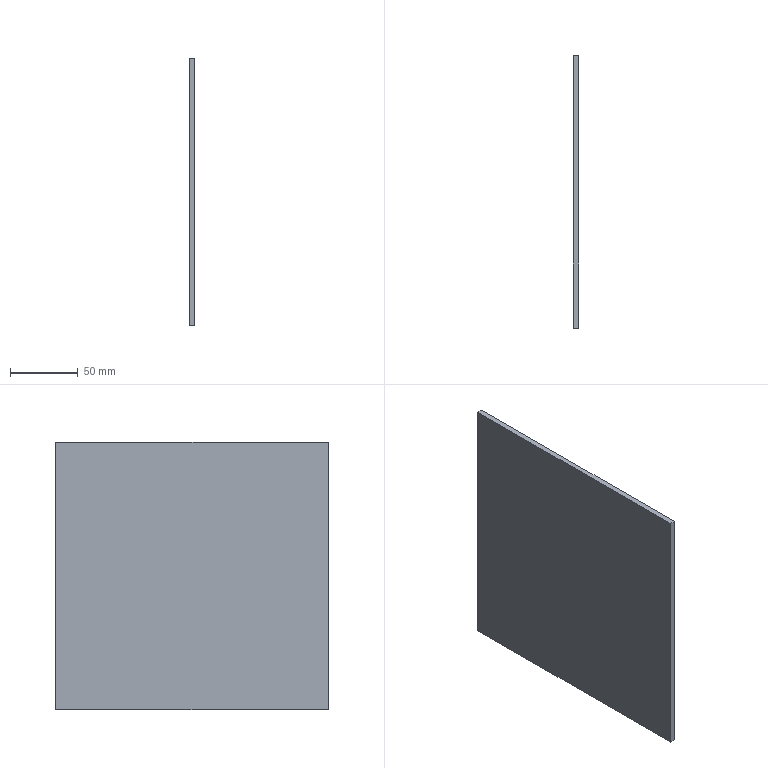Component | SolidWorks | Cover1-5-2XG1-1 | 1 solid | 6 faces | box 4 x 201 x 197 mm | volume 158388 mm3 | plane 6
build123d program:
from build123d import *

# Parameters (mm, degrees)
SKETCH3_W           = 201
SKETCH3_H           = 197
BOSS_EXTRUDE1_DEPTH = 4


with BuildPart() as part:
    # Sketch3 → Boss-Extrude1 (new body)
    with BuildSketch(Plane.XY):
        Rectangle(SKETCH3_W, SKETCH3_H)
    extrude(amount=BOSS_EXTRUDE1_DEPTH)


solid = part.part

# Placed as in the assembly
solid = solid.moved(Location((146.8, 0, 130), (90, -90, 0)))
STEP:
#1=COLOUR_RGB('',0.7922,0.8196,0.9333);
#2=FILL_AREA_STYLE_COLOUR('',#1);
#3=FILL_AREA_STYLE('',(#2));
#4=SURFACE_STYLE_FILL_AREA(#3);
#5=SURFACE_SIDE_STYLE('',(#4));
#6=SURFACE_STYLE_USAGE(.BOTH.,#5);
#7=PRESENTATION_STYLE_ASSIGNMENT((#6));
#8=CARTESIAN_POINT('',(5.78,3.957,8.996));
#9=VERTEX_POINT('',#8);
#10=CARTESIAN_POINT('',(5.78,3.957,1.24));
#11=VERTEX_POINT('',#10);
#12=CARTESIAN_POINT('',(5.78,3.957,8.996));
#13=DIRECTION('',(-0.,-0.,-1.));
#14=VECTOR('',#13,39.37);
#15=LINE('',#12,#14);
#16=EDGE_CURVE('',#9,#11,#15,.T.);
#17=ORIENTED_EDGE('',*,*,#16,.T.);
#18=CARTESIAN_POINT('',(5.622,3.957,1.24));
#19=VERTEX_POINT('',#18);
#20=CARTESIAN_POINT('',(5.622,3.957,1.24));
#21=DIRECTION('',(1.,-0.,-0.));
#22=VECTOR('',#21,39.37);
#23=LINE('',#20,#22);
#24=EDGE_CURVE('',#19,#11,#23,.T.);
#25=ORIENTED_EDGE('',*,*,#24,.F.);
#26=CARTESIAN_POINT('',(5.622,3.957,8.996));
#27=VERTEX_POINT('',#26);
#28=CARTESIAN_POINT('',(5.622,3.957,8.996));
#29=DIRECTION('',(-0.,-0.,-1.));
#30=VECTOR('',#29,39.37);
#31=LINE('',#28,#30);
#32=EDGE_CURVE('',#27,#19,#31,.T.);
#33=ORIENTED_EDGE('',*,*,#32,.F.);
#34=CARTESIAN_POINT('',(5.622,3.957,8.996));
#35=DIRECTION('',(1.,-0.,-0.));
#36=VECTOR('',#35,39.37);
#37=LINE('',#34,#36);
#38=EDGE_CURVE('',#27,#9,#37,.T.);
#39=ORIENTED_EDGE('',*,*,#38,.T.);
#40=EDGE_LOOP('',(#17,#25,#33,#39));
#41=FACE_OUTER_BOUND('',#40,.T.);
#42=CARTESIAN_POINT('',(5.622,3.957,8.996));
#43=DIRECTION('',(-0.,-1.,0.));
#44=DIRECTION('',(1.,-0.,-0.));
#45=AXIS2_PLACEMENT_3D('',#42,#43,#44);
#46=PLANE('',#45);
#47=ADVANCED_FACE('',(#41),#46,.F.);
#48=CARTESIAN_POINT('',(5.78,-3.957,1.24));
#49=VERTEX_POINT('',#48);
#50=CARTESIAN_POINT('',(5.78,3.957,1.24));
#51=DIRECTION('',(-0.,-1.,0.));
#52=VECTOR('',#51,39.37);
#53=LINE('',#50,#52);
#54=EDGE_CURVE('',#11,#49,#53,.T.);
#55=ORIENTED_EDGE('',*,*,#54,.T.);
#56=CARTESIAN_POINT('',(5.622,-3.957,1.24));
#57=VERTEX_POINT('',#56);
#58=CARTESIAN_POINT('',(5.622,-3.957,1.24));
#59=DIRECTION('',(1.,-0.,-0.));
#60=VECTOR('',#59,39.37);
#61=LINE('',#58,#60);
#62=EDGE_CURVE('',#57,#49,#61,.T.);
#63=ORIENTED_EDGE('',*,*,#62,.F.);
#64=CARTESIAN_POINT('',(5.622,3.957,1.24));
#65=DIRECTION('',(-0.,-1.,0.));
#66=VECTOR('',#65,39.37);
#67=LINE('',#64,#66);
#68=EDGE_CURVE('',#19,#57,#67,.T.);
#69=ORIENTED_EDGE('',*,*,#68,.F.);
#70=ORIENTED_EDGE('',*,*,#24,.T.);
#71=EDGE_LOOP('',(#55,#63,#69,#70));
#72=FACE_OUTER_BOUND('',#71,.T.);
#73=CARTESIAN_POINT('',(5.622,3.957,1.24));
#74=DIRECTION('',(0.,0.,1.));
#75=DIRECTION('',(-1.,0.,0.));
#76=AXIS2_PLACEMENT_3D('',#73,#74,#75);
#77=PLANE('',#76);
#78=ADVANCED_FACE('',(#72),#77,.F.);
#79=CARTESIAN_POINT('',(5.78,-3.957,8.996));
#80=VERTEX_POINT('',#79);
#81=CARTESIAN_POINT('',(5.78,-3.957,8.996));
#82=DIRECTION('',(0.,0.,1.));
#83=VECTOR('',#82,39.37);
#84=LINE('',#81,#83);
#85=EDGE_CURVE('',#49,#80,#84,.T.);
#86=ORIENTED_EDGE('',*,*,#85,.T.);
#87=CARTESIAN_POINT('',(5.622,-3.957,8.996));
#88=VERTEX_POINT('',#87);
#89=CARTESIAN_POINT('',(5.622,-3.957,8.996));
#90=DIRECTION('',(1.,-0.,-0.));
#91=VECTOR('',#90,39.37);
#92=LINE('',#89,#91);
#93=EDGE_CURVE('',#88,#80,#92,.T.);
#94=ORIENTED_EDGE('',*,*,#93,.F.);
#95=CARTESIAN_POINT('',(5.622,-3.957,8.996));
#96=DIRECTION('',(0.,0.,1.));
#97=VECTOR('',#96,39.37);
#98=LINE('',#95,#97);
#99=EDGE_CURVE('',#57,#88,#98,.T.);
#100=ORIENTED_EDGE('',*,*,#99,.F.);
#101=ORIENTED_EDGE('',*,*,#62,.T.);
#102=EDGE_LOOP('',(#86,#94,#100,#101));
#103=FACE_OUTER_BOUND('',#102,.T.);
#104=CARTESIAN_POINT('',(5.622,-3.957,8.996));
#105=DIRECTION('',(0.,1.,-0.));
#106=DIRECTION('',(-1.,0.,0.));
#107=AXIS2_PLACEMENT_3D('',#104,#105,#106);
#108=PLANE('',#107);
#109=ADVANCED_FACE('',(#103),#108,.F.);
#110=CARTESIAN_POINT('',(5.78,3.957,8.996));
#111=DIRECTION('',(0.,1.,-0.));
#112=VECTOR('',#111,39.37);
#113=LINE('',#110,#112);
#114=EDGE_CURVE('',#80,#9,#113,.T.);
#115=ORIENTED_EDGE('',*,*,#114,.T.);
#116=ORIENTED_EDGE('',*,*,#38,.F.);
#117=CARTESIAN_POINT('',(5.622,3.957,8.996));
#118=DIRECTION('',(0.,1.,-0.));
#119=VECTOR('',#118,39.37);
#120=LINE('',#117,#119);
#121=EDGE_CURVE('',#88,#27,#120,.T.);
#122=ORIENTED_EDGE('',*,*,#121,.F.);
#123=ORIENTED_EDGE('',*,*,#93,.T.);
#124=EDGE_LOOP('',(#115,#116,#122,#123));
#125=FACE_OUTER_BOUND('',#124,.T.);
#126=CARTESIAN_POINT('',(5.622,3.957,8.996));
#127=DIRECTION('',(-0.,-0.,-1.));
#128=DIRECTION('',(1.,-0.,-0.));
#129=AXIS2_PLACEMENT_3D('',#126,#127,#128);
#130=PLANE('',#129);
#131=ADVANCED_FACE('',(#125),#130,.F.);
#132=ORIENTED_EDGE('',*,*,#32,.T.);
#133=ORIENTED_EDGE('',*,*,#68,.T.);
#134=ORIENTED_EDGE('',*,*,#99,.T.);
#135=ORIENTED_EDGE('',*,*,#121,.T.);
#136=EDGE_LOOP('',(#132,#133,#134,#135));
#137=FACE_OUTER_BOUND('',#136,.T.);
#138=CARTESIAN_POINT('',(5.622,-0.,5.118));
#139=DIRECTION('',(-1.,0.,0.));
#140=DIRECTION('',(-0.,-1.,0.));
#141=AXIS2_PLACEMENT_3D('',#138,#139,#140);
#142=PLANE('',#141);
#143=ADVANCED_FACE('',(#137),#142,.T.);
#144=ORIENTED_EDGE('',*,*,#16,.F.);
#145=ORIENTED_EDGE('',*,*,#114,.F.);
#146=ORIENTED_EDGE('',*,*,#85,.F.);
#147=ORIENTED_EDGE('',*,*,#54,.F.);
#148=EDGE_LOOP('',(#144,#145,#146,#147));
#149=FACE_OUTER_BOUND('',#148,.T.);
#150=CARTESIAN_POINT('',(5.78,-0.,5.118));
#151=DIRECTION('',(-1.,0.,0.));
#152=DIRECTION('',(-0.,-1.,0.));
#153=AXIS2_PLACEMENT_3D('',#150,#151,#152);
#154=PLANE('',#153);
#155=ADVANCED_FACE('',(#149),#154,.F.);
#156=CLOSED_SHELL('',(#47,#78,#109,#131,#143,#155));
#157=MANIFOLD_SOLID_BREP('',#156);
#158=STYLED_ITEM('',(#7),#157);
#159=(LENGTH_UNIT()NAMED_UNIT(*)SI_UNIT($,.METRE.));
#160=LENGTH_MEASURE_WITH_UNIT(LENGTH_MEASURE(0.0254),#159);
#161=DIMENSIONAL_EXPONENTS(1.,0.,0.,0.,0.,0.,0.);
#162=(CONVERSION_BASED_UNIT('',#160)LENGTH_UNIT()NAMED_UNIT(#161));
#163=UNCERTAINTY_MEASURE_WITH_UNIT(LENGTH_MEASURE(0.00001),#162,'','');
#164=(NAMED_UNIT(*)PLANE_ANGLE_UNIT()SI_UNIT($,.RADIAN.));
#165=(NAMED_UNIT(*)SI_UNIT($,.STERADIAN.)SOLID_ANGLE_UNIT());
#166=(GEOMETRIC_REPRESENTATION_CONTEXT(3)GLOBAL_UNCERTAINTY_ASSIGNED_CONTEXT((#163))GLOBAL_UNIT_ASSIGNED_CONTEXT((#162,#164,#165))REPRESENTATION_CONTEXT('',''));
#167=MECHANICAL_DESIGN_GEOMETRIC_PRESENTATION_REPRESENTATION('',(#158),#166);
#168=PRESENTATION_LAYER_ASSIGNMENT('','',(#158));
#169=CARTESIAN_POINT('',(0.,0.,0.));
#170=DIRECTION('',(0.,0.,1.));
#171=DIRECTION('',(1.,0.,0.));
#172=AXIS2_PLACEMENT_3D('',#169,#170,#171);
#173=(LENGTH_UNIT()NAMED_UNIT(*)SI_UNIT($,.METRE.));
#174=LENGTH_MEASURE_WITH_UNIT(LENGTH_MEASURE(0.0254),#173);
#175=DIMENSIONAL_EXPONENTS(1.,0.,0.,0.,0.,0.,0.);
#176=(CONVERSION_BASED_UNIT('',#174)LENGTH_UNIT()NAMED_UNIT(#175));
#177=UNCERTAINTY_MEASURE_WITH_UNIT(LENGTH_MEASURE(0.00001),#176,'','');
#178=(NAMED_UNIT(*)PLANE_ANGLE_UNIT()SI_UNIT($,.RADIAN.));
#179=(NAMED_UNIT(*)SI_UNIT($,.STERADIAN.)SOLID_ANGLE_UNIT());
#180=(GEOMETRIC_REPRESENTATION_CONTEXT(3)GLOBAL_UNCERTAINTY_ASSIGNED_CONTEXT((#177))GLOBAL_UNIT_ASSIGNED_CONTEXT((#176,#178,#179))REPRESENTATION_CONTEXT('',''));
#181=ADVANCED_BREP_SHAPE_REPRESENTATION('',(#157,#172),#180);

※

● **REQUIREMENT**
Count every line of the records that holds "METRE". State the number, nothing else.

● **OUTPUT FOR THIS EXERCISE**
2